═════ Records for processing ═════

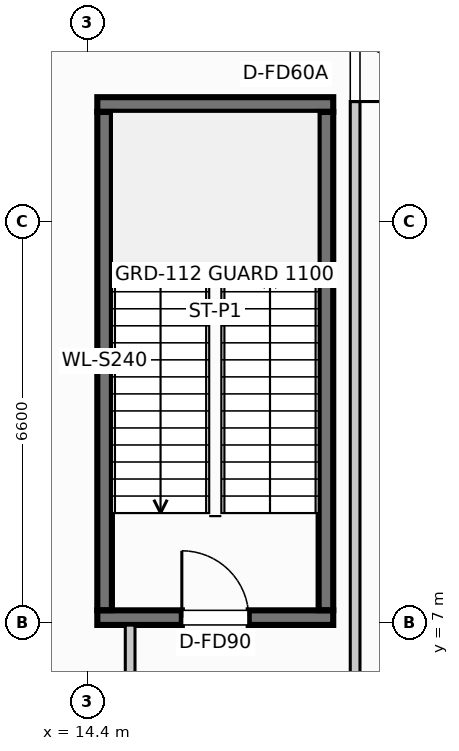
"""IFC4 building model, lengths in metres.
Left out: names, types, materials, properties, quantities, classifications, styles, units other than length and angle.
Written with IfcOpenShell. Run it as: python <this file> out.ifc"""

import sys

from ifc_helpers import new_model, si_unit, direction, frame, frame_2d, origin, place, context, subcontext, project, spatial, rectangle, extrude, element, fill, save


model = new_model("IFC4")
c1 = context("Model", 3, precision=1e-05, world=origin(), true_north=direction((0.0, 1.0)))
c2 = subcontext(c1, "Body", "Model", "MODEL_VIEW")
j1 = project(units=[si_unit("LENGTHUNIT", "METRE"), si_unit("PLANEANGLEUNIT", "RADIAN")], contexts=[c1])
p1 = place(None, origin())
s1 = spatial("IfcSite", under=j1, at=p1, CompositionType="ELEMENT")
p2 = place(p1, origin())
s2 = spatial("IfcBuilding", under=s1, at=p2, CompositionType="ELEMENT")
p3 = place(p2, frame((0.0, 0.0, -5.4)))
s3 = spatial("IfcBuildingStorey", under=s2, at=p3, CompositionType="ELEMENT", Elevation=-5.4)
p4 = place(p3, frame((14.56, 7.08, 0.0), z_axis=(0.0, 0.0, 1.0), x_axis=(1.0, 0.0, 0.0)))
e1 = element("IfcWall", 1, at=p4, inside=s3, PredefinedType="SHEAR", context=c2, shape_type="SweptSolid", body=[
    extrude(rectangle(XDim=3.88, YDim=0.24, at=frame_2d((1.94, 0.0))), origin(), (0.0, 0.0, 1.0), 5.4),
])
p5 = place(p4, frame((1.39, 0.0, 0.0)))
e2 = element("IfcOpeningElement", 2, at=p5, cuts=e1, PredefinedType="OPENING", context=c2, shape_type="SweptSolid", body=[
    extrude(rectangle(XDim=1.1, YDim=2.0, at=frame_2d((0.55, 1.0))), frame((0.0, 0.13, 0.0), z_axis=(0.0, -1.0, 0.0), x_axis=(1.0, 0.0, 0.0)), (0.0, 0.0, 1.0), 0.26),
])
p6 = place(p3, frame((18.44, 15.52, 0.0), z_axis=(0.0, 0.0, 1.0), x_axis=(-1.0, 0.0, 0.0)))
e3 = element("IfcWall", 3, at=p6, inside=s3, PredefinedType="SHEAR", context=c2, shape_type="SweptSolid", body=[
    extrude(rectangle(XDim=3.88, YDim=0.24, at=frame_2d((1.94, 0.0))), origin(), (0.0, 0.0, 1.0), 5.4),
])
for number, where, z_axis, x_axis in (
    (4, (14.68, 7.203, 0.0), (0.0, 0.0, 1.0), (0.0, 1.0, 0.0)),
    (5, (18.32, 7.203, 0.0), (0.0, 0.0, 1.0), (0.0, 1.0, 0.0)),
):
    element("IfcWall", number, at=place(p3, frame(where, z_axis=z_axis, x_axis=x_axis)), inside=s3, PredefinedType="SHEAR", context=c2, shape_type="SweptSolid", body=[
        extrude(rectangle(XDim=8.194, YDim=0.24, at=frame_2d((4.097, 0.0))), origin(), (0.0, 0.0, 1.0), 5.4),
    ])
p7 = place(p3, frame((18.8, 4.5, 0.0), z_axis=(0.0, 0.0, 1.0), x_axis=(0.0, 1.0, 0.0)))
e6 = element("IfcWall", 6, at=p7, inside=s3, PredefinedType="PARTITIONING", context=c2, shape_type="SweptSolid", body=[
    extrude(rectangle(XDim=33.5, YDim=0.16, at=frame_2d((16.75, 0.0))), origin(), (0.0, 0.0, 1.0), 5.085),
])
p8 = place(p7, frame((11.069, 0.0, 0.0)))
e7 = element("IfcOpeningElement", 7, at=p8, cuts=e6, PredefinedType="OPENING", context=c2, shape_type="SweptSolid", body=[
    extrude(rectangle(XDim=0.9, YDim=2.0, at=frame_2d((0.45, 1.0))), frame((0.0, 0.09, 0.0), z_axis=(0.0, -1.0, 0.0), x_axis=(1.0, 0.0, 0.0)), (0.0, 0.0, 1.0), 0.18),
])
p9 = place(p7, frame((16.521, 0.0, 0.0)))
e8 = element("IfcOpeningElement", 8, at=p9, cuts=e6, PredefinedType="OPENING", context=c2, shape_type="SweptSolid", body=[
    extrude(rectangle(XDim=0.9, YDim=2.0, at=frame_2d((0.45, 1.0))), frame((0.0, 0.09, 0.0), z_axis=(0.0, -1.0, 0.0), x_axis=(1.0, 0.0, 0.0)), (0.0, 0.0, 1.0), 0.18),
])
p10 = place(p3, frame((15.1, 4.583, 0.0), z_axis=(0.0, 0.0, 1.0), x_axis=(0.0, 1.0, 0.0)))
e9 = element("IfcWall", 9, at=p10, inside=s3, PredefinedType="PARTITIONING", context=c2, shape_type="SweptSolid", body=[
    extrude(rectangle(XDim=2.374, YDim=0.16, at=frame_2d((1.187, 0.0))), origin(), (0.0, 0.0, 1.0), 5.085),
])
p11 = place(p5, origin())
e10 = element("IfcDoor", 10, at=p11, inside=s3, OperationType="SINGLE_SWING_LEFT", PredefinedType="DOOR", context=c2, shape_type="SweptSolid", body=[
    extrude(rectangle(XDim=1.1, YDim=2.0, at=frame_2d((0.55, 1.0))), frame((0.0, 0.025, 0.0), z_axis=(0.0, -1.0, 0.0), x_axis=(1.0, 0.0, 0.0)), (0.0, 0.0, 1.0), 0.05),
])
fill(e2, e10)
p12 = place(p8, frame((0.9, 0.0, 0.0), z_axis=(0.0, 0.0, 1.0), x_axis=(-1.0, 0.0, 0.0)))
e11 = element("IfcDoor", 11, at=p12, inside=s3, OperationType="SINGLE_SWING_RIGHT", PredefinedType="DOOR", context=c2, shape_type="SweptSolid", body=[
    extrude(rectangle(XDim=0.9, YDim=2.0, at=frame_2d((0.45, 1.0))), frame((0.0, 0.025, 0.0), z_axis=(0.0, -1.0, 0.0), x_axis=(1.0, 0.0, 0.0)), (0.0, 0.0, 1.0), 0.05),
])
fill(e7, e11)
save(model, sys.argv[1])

═════

Directions: Give the records above again verbatim, pictures omitted.

Output of the task:
"""IFC4 building model, lengths in metres.
Left out: names, types, materials, properties, quantities, classifications, styles, units other than length and angle.
Written with IfcOpenShell. Run it as: python <this file> out.ifc"""

import sys

from ifc_helpers import new_model, si_unit, direction, frame, frame_2d, origin, place, context, subcontext, project, spatial, rectangle, extrude, element, fill, save


model = new_model("IFC4")
c1 = context("Model", 3, precision=1e-05, world=origin(), true_north=direction((0.0, 1.0)))
c2 = subcontext(c1, "Body", "Model", "MODEL_VIEW")
j1 = project(units=[si_unit("LENGTHUNIT", "METRE"), si_unit("PLANEANGLEUNIT", "RADIAN")], contexts=[c1])
p1 = place(None, origin())
s1 = spatial("IfcSite", under=j1, at=p1, CompositionType="ELEMENT")
p2 = place(p1, origin())
s2 = spatial("IfcBuilding", under=s1, at=p2, CompositionType="ELEMENT")
p3 = place(p2, frame((0.0, 0.0, -5.4)))
s3 = spatial("IfcBuildingStorey", under=s2, at=p3, CompositionType="ELEMENT", Elevation=-5.4)
p4 = place(p3, frame((14.56, 7.08, 0.0), z_axis=(0.0, 0.0, 1.0), x_axis=(1.0, 0.0, 0.0)))
e1 = element("IfcWall", 1, at=p4, inside=s3, PredefinedType="SHEAR", context=c2, shape_type="SweptSolid", body=[
    extrude(rectangle(XDim=3.88, YDim=0.24, at=frame_2d((1.94, 0.0))), origin(), (0.0, 0.0, 1.0), 5.4),
])
p5 = place(p4, frame((1.39, 0.0, 0.0)))
e2 = element("IfcOpeningElement", 2, at=p5, cuts=e1, PredefinedType="OPENING", context=c2, shape_type="SweptSolid", body=[
    extrude(rectangle(XDim=1.1, YDim=2.0, at=frame_2d((0.55, 1.0))), frame((0.0, 0.13, 0.0), z_axis=(0.0, -1.0, 0.0), x_axis=(1.0, 0.0, 0.0)), (0.0, 0.0, 1.0), 0.26),
])
p6 = place(p3, frame((18.44, 15.52, 0.0), z_axis=(0.0, 0.0, 1.0), x_axis=(-1.0, 0.0, 0.0)))
e3 = element("IfcWall", 3, at=p6, inside=s3, PredefinedType="SHEAR", context=c2, shape_type="SweptSolid", body=[
    extrude(rectangle(XDim=3.88, YDim=0.24, at=frame_2d((1.94, 0.0))), origin(), (0.0, 0.0, 1.0), 5.4),
])
for number, where, z_axis, x_axis in (
    (4, (14.68, 7.203, 0.0), (0.0, 0.0, 1.0), (0.0, 1.0, 0.0)),
    (5, (18.32, 7.203, 0.0), (0.0, 0.0, 1.0), (0.0, 1.0, 0.0)),
):
    element("IfcWall", number, at=place(p3, frame(where, z_axis=z_axis, x_axis=x_axis)), inside=s3, PredefinedType="SHEAR", context=c2, shape_type="SweptSolid", body=[
        extrude(rectangle(XDim=8.194, YDim=0.24, at=frame_2d((4.097, 0.0))), origin(), (0.0, 0.0, 1.0), 5.4),
    ])
p7 = place(p3, frame((18.8, 4.5, 0.0), z_axis=(0.0, 0.0, 1.0), x_axis=(0.0, 1.0, 0.0)))
e6 = element("IfcWall", 6, at=p7, inside=s3, PredefinedType="PARTITIONING", context=c2, shape_type="SweptSolid", body=[
    extrude(rectangle(XDim=33.5, YDim=0.16, at=frame_2d((16.75, 0.0))), origin(), (0.0, 0.0, 1.0), 5.085),
])
p8 = place(p7, frame((11.069, 0.0, 0.0)))
e7 = element("IfcOpeningElement", 7, at=p8, cuts=e6, PredefinedType="OPENING", context=c2, shape_type="SweptSolid", body=[
    extrude(rectangle(XDim=0.9, YDim=2.0, at=frame_2d((0.45, 1.0))), frame((0.0, 0.09, 0.0), z_axis=(0.0, -1.0, 0.0), x_axis=(1.0, 0.0, 0.0)), (0.0, 0.0, 1.0), 0.18),
])
p9 = place(p7, frame((16.521, 0.0, 0.0)))
e8 = element("IfcOpeningElement", 8, at=p9, cuts=e6, PredefinedType="OPENING", context=c2, shape_type="SweptSolid", body=[
    extrude(rectangle(XDim=0.9, YDim=2.0, at=frame_2d((0.45, 1.0))), frame((0.0, 0.09, 0.0), z_axis=(0.0, -1.0, 0.0), x_axis=(1.0, 0.0, 0.0)), (0.0, 0.0, 1.0), 0.18),
])
p10 = place(p3, frame((15.1, 4.583, 0.0), z_axis=(0.0, 0.0, 1.0), x_axis=(0.0, 1.0, 0.0)))
e9 = element("IfcWall", 9, at=p10, inside=s3, PredefinedType="PARTITIONING", context=c2, shape_type="SweptSolid", body=[
    extrude(rectangle(XDim=2.374, YDim=0.16, at=frame_2d((1.187, 0.0))), origin(), (0.0, 0.0, 1.0), 5.085),
])
p11 = place(p5, origin())
e10 = element("IfcDoor", 10, at=p11, inside=s3, OperationType="SINGLE_SWING_LEFT", PredefinedType="DOOR", context=c2, shape_type="SweptSolid", body=[
    extrude(rectangle(XDim=1.1, YDim=2.0, at=frame_2d((0.55, 1.0))), frame((0.0, 0.025, 0.0), z_axis=(0.0, -1.0, 0.0), x_axis=(1.0, 0.0, 0.0)), (0.0, 0.0, 1.0), 0.05),
])
fill(e2, e10)
p12 = place(p8, frame((0.9, 0.0, 0.0), z_axis=(0.0, 0.0, 1.0), x_axis=(-1.0, 0.0, 0.0)))
e11 = element("IfcDoor", 11, at=p12, inside=s3, OperationType="SINGLE_SWING_RIGHT", PredefinedType="DOOR", context=c2, shape_type="SweptSolid", body=[
    extrude(rectangle(XDim=0.9, YDim=2.0, at=frame_2d((0.45, 1.0))), frame((0.0, 0.025, 0.0), z_axis=(0.0, -1.0, 0.0), x_axis=(1.0, 0.0, 0.0)), (0.0, 0.0, 1.0), 0.05),
])
fill(e7, e11)
save(model, sys.argv[1])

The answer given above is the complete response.